▸ Task directions: Setting pictures aside, output exactly the lines from the start of the records to the line with "p3 = place(p2, frame((0.0, 0.0, 11.4)))", that line included.

▸ Record excerpts:

####################

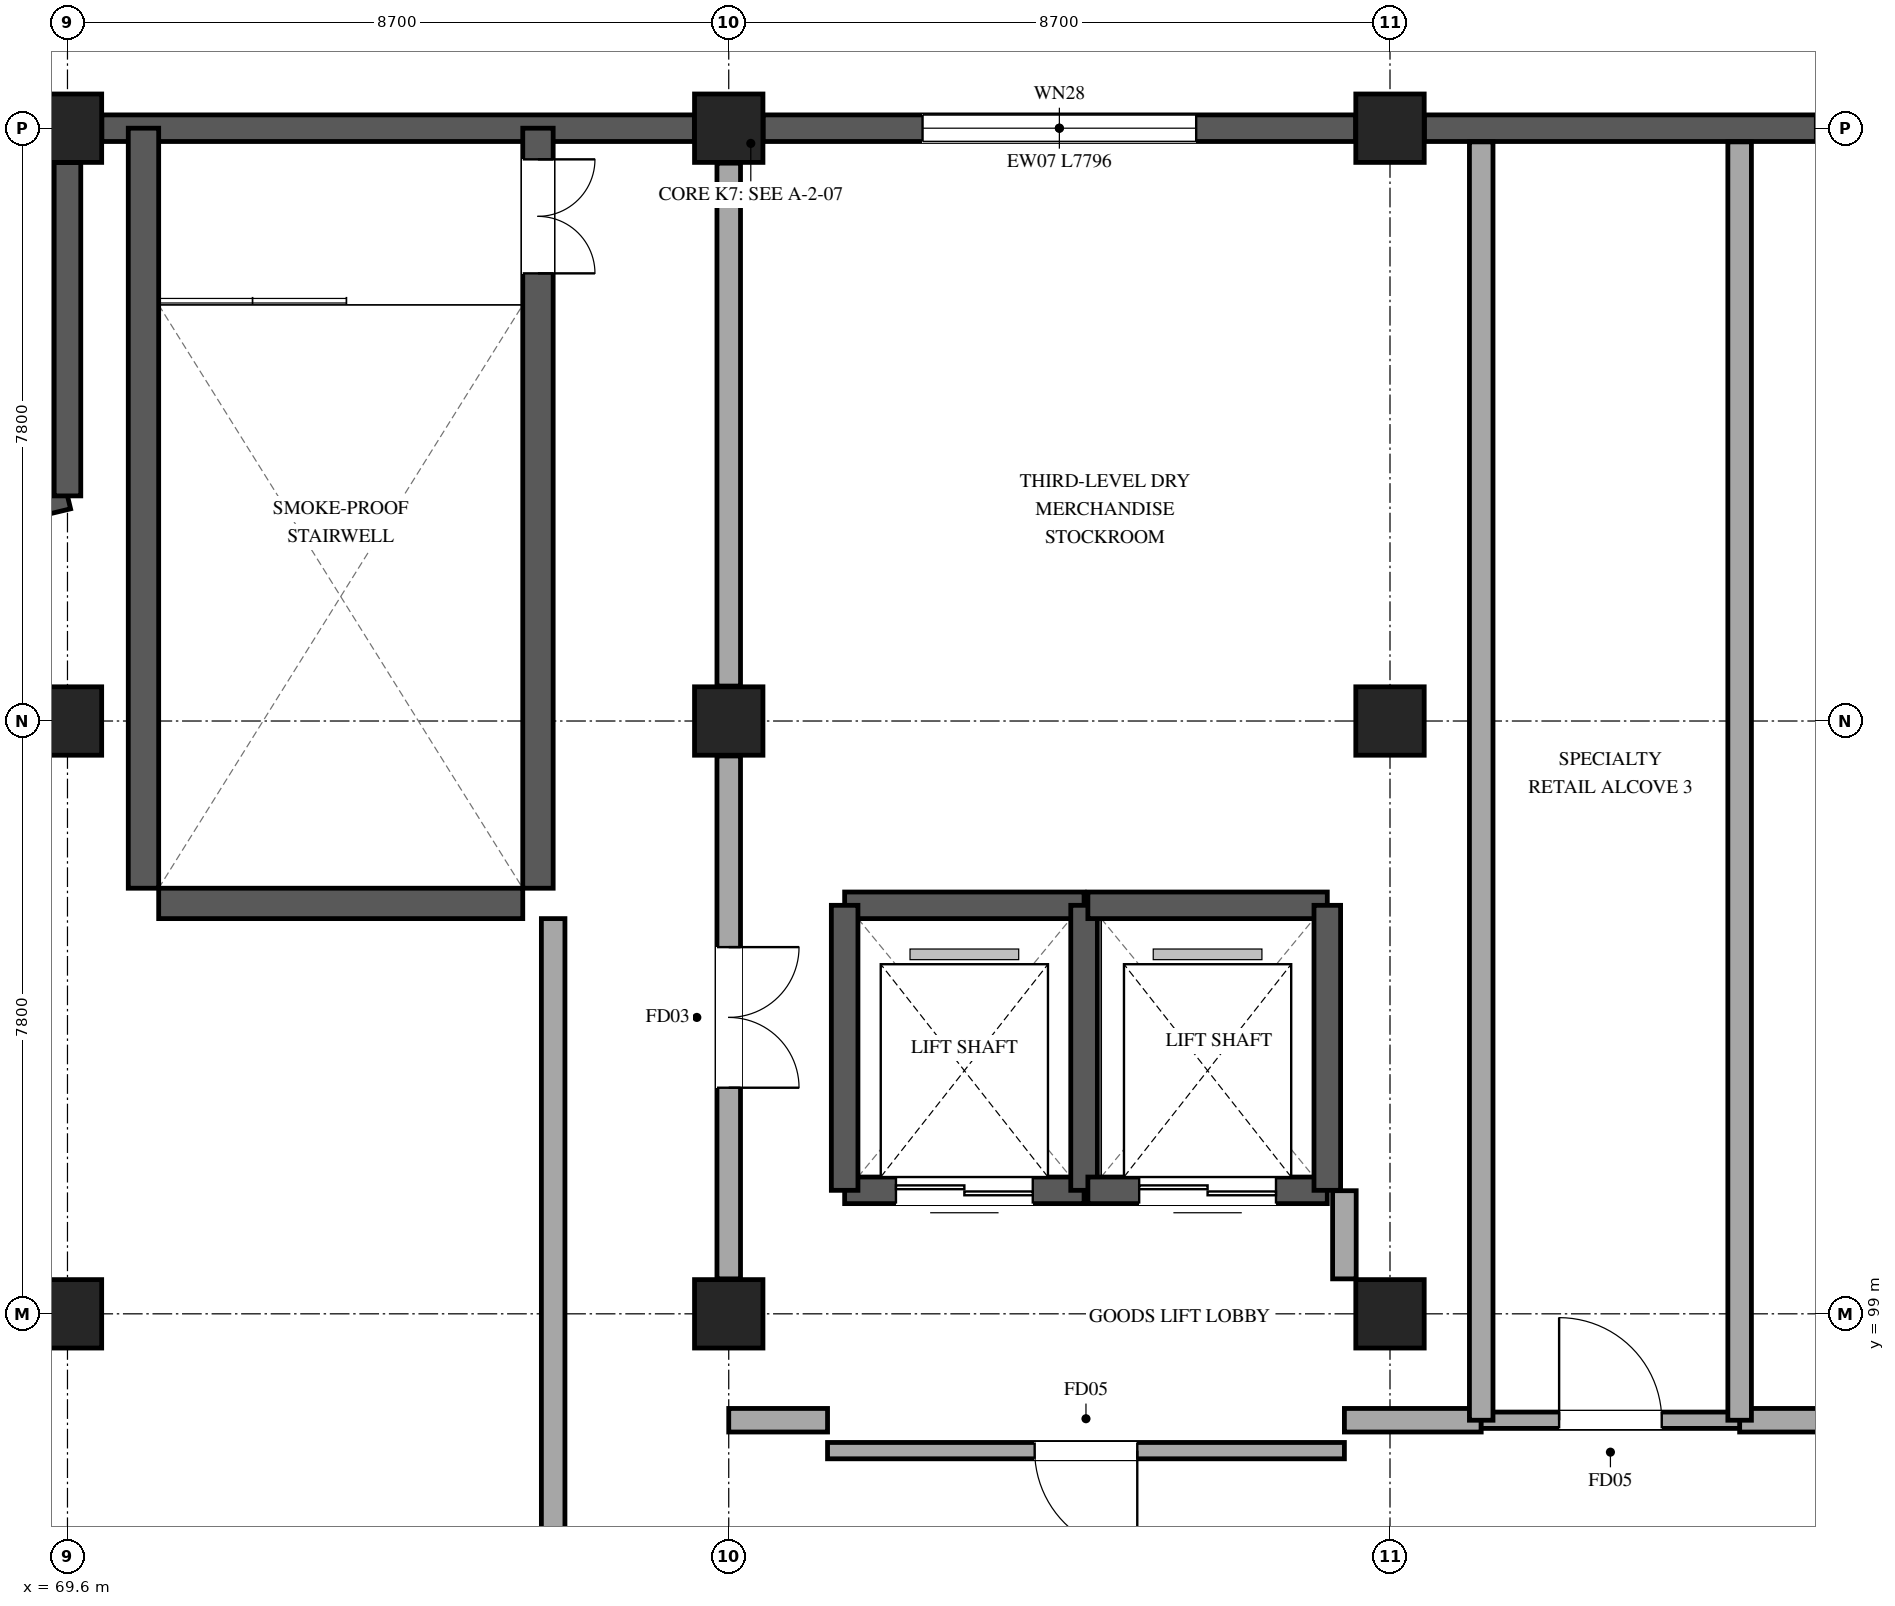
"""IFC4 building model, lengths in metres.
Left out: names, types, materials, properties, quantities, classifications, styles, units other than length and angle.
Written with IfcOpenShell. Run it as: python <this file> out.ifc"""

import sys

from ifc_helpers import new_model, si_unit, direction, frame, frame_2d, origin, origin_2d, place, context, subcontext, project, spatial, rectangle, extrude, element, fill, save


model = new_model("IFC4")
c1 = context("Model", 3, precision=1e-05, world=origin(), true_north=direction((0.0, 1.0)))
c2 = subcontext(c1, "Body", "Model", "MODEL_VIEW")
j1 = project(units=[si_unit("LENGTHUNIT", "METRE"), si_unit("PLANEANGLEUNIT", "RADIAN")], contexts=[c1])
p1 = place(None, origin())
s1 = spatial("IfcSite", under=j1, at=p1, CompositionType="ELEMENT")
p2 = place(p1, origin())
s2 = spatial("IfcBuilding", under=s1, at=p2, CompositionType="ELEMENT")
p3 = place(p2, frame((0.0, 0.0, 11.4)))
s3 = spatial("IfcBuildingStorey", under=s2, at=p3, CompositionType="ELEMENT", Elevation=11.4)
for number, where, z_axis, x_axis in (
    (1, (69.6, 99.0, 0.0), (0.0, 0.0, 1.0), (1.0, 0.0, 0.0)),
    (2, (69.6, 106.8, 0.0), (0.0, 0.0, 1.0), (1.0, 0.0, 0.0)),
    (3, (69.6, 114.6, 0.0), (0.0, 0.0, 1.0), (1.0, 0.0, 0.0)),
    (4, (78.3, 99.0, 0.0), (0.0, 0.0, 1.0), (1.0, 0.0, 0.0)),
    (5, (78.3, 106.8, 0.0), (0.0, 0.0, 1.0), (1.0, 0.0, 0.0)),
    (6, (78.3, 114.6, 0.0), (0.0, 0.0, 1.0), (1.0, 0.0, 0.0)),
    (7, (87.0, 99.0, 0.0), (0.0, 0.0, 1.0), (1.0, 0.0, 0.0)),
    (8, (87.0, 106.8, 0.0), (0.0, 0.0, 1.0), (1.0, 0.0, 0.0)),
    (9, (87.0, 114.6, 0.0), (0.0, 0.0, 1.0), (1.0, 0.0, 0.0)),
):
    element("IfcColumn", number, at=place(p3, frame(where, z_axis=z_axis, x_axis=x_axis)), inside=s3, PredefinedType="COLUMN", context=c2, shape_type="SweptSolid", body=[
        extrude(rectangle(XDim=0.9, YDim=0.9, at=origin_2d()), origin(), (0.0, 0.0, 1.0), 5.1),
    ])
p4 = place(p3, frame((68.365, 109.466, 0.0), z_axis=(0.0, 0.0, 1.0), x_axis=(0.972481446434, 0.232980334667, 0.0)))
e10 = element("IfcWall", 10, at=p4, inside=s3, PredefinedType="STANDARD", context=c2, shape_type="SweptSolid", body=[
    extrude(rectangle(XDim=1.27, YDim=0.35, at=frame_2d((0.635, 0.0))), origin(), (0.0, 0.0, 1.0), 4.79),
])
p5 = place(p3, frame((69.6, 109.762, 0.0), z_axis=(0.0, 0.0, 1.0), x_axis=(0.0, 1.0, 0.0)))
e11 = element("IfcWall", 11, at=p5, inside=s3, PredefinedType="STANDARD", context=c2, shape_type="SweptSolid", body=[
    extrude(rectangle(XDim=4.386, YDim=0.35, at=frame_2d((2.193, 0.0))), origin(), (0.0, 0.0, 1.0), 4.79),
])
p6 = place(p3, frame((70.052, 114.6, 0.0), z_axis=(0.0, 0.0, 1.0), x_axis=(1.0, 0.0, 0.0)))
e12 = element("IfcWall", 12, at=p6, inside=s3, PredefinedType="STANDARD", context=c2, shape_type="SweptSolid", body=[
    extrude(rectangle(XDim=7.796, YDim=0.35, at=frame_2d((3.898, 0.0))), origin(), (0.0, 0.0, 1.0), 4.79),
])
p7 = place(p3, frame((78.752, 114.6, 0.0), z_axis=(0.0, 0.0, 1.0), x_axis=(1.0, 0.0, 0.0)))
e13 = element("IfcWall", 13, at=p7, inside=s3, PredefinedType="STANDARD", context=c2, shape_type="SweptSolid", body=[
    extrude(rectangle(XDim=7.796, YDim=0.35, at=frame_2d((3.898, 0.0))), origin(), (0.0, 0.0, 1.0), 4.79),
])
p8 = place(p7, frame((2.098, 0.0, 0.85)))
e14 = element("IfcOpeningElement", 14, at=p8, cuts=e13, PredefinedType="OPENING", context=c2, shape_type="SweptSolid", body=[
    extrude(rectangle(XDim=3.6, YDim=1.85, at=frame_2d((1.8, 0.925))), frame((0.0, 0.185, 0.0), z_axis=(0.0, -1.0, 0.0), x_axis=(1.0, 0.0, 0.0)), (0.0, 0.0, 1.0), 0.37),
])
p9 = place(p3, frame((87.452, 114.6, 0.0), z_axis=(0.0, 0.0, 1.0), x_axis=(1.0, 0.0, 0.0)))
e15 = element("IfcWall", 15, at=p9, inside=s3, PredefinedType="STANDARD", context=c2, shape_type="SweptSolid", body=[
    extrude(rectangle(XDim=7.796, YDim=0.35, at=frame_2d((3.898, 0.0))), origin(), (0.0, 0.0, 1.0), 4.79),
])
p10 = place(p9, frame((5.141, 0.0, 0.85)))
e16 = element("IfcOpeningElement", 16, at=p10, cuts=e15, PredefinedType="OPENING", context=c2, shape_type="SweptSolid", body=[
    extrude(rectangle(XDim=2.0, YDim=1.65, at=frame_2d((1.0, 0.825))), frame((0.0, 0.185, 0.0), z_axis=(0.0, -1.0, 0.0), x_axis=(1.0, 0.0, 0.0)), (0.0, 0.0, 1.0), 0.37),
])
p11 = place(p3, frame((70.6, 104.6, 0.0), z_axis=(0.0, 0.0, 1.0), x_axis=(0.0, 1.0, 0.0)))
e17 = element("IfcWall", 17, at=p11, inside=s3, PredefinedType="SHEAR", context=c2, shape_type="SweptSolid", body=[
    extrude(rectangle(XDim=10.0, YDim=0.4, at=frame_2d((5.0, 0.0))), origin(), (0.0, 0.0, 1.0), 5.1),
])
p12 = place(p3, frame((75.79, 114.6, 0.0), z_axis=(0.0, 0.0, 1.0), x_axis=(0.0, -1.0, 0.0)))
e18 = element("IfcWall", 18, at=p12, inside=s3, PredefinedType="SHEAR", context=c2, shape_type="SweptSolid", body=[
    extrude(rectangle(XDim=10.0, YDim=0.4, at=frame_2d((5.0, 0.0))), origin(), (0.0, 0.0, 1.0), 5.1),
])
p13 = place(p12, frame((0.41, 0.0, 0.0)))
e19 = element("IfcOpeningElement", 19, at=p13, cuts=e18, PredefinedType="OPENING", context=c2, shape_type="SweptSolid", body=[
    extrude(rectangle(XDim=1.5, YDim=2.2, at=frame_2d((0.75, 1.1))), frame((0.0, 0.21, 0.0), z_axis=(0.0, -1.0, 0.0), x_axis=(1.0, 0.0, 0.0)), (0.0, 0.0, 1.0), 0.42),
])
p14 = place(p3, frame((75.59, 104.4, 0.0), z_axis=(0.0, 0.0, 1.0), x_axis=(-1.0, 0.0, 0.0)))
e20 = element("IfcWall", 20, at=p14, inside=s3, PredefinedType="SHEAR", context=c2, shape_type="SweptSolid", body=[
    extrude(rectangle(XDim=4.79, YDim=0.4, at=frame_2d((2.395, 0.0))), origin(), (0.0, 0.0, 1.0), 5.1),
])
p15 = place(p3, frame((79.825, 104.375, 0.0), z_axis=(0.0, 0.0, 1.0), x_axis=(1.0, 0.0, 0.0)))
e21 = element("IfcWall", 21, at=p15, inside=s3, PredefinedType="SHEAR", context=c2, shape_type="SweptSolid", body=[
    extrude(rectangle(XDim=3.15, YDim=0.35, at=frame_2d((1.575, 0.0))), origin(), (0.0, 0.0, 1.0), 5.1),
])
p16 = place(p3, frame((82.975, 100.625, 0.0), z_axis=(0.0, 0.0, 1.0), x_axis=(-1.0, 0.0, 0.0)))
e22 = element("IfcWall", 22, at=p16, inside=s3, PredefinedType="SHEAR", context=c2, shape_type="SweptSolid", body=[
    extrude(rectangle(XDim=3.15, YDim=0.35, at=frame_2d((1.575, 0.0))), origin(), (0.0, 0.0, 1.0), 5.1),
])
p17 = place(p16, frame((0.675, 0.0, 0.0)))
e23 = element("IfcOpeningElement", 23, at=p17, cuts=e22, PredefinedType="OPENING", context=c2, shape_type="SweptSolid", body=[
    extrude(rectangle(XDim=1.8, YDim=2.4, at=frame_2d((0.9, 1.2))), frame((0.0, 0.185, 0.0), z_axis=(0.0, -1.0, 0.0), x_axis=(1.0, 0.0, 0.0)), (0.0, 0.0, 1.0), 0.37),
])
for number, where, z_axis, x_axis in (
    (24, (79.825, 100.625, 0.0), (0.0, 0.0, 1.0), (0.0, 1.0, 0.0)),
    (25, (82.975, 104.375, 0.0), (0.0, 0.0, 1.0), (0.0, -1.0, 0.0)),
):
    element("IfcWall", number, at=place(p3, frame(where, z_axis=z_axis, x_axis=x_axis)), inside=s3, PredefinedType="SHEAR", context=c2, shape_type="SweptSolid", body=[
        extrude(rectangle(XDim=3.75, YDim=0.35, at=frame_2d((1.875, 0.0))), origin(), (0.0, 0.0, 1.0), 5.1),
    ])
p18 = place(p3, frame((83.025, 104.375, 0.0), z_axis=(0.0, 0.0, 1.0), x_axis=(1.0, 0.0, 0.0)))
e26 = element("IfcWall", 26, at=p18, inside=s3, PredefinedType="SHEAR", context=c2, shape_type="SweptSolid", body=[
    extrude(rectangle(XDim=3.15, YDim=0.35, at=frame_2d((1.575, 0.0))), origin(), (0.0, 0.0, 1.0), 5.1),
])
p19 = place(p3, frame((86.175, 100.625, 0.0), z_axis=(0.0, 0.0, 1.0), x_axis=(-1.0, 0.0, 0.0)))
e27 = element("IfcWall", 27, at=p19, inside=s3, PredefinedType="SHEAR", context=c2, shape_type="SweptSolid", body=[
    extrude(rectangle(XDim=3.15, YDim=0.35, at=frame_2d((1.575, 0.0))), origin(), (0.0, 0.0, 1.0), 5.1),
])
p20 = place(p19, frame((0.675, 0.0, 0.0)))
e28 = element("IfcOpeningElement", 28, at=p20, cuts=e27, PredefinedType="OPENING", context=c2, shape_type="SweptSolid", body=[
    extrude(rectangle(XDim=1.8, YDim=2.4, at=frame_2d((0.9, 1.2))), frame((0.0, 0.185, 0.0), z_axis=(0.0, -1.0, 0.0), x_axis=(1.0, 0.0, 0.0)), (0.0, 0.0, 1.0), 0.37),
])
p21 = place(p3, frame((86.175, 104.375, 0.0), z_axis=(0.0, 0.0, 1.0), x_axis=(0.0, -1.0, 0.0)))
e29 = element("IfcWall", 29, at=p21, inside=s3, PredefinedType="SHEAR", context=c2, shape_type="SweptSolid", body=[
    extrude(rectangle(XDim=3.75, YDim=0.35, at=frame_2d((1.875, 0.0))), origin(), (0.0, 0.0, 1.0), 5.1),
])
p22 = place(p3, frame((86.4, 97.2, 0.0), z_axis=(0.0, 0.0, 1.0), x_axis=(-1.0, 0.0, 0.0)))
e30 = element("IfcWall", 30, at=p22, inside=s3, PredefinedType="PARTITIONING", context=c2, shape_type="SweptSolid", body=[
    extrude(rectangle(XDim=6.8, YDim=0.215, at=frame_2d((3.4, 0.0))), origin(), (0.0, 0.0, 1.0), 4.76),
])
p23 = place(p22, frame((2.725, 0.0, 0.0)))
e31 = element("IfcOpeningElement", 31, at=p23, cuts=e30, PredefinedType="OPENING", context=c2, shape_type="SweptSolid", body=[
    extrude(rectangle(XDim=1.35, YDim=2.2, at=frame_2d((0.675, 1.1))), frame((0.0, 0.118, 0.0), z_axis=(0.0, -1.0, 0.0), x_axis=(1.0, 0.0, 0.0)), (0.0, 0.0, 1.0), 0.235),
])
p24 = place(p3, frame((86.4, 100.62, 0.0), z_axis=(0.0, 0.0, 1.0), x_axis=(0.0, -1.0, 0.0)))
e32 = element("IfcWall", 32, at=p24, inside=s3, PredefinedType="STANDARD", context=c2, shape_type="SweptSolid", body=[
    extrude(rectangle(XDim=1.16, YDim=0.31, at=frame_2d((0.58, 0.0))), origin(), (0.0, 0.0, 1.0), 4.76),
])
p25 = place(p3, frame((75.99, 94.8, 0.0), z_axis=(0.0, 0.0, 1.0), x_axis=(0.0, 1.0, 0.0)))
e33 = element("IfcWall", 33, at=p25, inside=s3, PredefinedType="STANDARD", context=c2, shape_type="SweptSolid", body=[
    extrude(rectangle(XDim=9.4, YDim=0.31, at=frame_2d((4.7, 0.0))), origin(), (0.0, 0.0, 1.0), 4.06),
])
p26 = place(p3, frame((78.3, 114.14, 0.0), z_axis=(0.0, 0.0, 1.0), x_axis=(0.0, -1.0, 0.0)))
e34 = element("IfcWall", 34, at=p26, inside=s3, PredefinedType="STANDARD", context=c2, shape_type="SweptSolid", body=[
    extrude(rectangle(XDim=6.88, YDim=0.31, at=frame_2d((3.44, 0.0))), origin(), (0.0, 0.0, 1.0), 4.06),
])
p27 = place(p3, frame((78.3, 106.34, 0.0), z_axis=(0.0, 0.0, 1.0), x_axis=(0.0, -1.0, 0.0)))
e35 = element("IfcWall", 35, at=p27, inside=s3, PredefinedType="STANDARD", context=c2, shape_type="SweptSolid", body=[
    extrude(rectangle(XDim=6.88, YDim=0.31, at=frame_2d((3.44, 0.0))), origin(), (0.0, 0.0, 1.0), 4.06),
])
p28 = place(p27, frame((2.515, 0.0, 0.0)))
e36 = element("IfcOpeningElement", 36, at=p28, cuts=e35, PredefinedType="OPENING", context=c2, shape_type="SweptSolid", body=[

####################

▸ Task answer:
"""IFC4 building model, lengths in metres.
Left out: names, types, materials, properties, quantities, classifications, styles, units other than length and angle.
Written with IfcOpenShell. Run it as: python <this file> out.ifc"""

import sys

from ifc_helpers import new_model, si_unit, direction, frame, frame_2d, origin, origin_2d, place, context, subcontext, project, spatial, rectangle, extrude, element, fill, save


model = new_model("IFC4")
c1 = context("Model", 3, precision=1e-05, world=origin(), true_north=direction((0.0, 1.0)))
c2 = subcontext(c1, "Body", "Model", "MODEL_VIEW")
j1 = project(units=[si_unit("LENGTHUNIT", "METRE"), si_unit("PLANEANGLEUNIT", "RADIAN")], contexts=[c1])
p1 = place(None, origin())
s1 = spatial("IfcSite", under=j1, at=p1, CompositionType="ELEMENT")
p2 = place(p1, origin())
s2 = spatial("IfcBuilding", under=s1, at=p2, CompositionType="ELEMENT")
p3 = place(p2, frame((0.0, 0.0, 11.4)))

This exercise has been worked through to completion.